**DESCRIPTION OF THE TASK**
Extract exactly the range of lines bounded by the line containing "extrude(amount=-CUT_EXTRUDE1_DEPTH, mode=Mode.SUBTRACT)" and the final line of the listing, both ends included, and no other lines.

**RECORDS FOR PROCESSING**
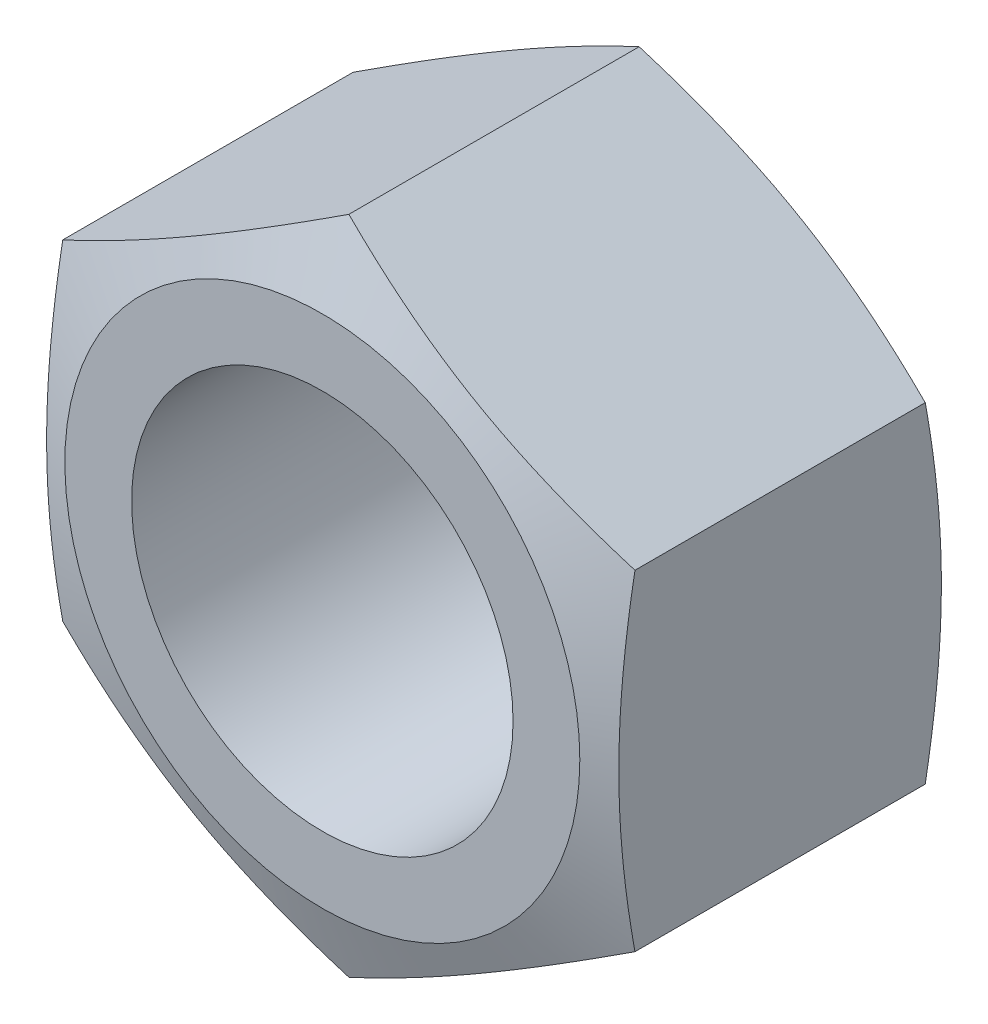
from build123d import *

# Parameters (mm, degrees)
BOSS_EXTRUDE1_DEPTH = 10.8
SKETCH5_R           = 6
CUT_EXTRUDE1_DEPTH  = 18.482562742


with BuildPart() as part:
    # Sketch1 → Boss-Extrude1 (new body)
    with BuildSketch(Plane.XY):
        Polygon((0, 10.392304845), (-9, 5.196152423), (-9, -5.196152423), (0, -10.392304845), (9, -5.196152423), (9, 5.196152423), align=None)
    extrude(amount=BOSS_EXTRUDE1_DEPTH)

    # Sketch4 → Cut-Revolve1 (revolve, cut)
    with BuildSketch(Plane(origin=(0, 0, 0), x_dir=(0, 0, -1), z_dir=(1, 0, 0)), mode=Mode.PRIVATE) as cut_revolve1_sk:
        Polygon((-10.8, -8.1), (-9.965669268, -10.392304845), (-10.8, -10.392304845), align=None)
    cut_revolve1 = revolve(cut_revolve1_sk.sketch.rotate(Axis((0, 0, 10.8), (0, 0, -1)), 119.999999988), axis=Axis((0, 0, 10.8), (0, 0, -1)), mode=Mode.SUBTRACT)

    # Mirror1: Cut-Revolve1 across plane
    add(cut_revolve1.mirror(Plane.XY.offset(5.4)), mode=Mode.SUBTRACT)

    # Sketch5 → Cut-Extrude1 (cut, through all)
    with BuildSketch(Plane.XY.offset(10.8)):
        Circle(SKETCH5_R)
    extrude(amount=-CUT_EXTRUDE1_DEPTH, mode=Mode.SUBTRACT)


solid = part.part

**SOLUTION TO THE EXERCISE**
    extrude(amount=-CUT_EXTRUDE1_DEPTH, mode=Mode.SUBTRACT)


solid = part.part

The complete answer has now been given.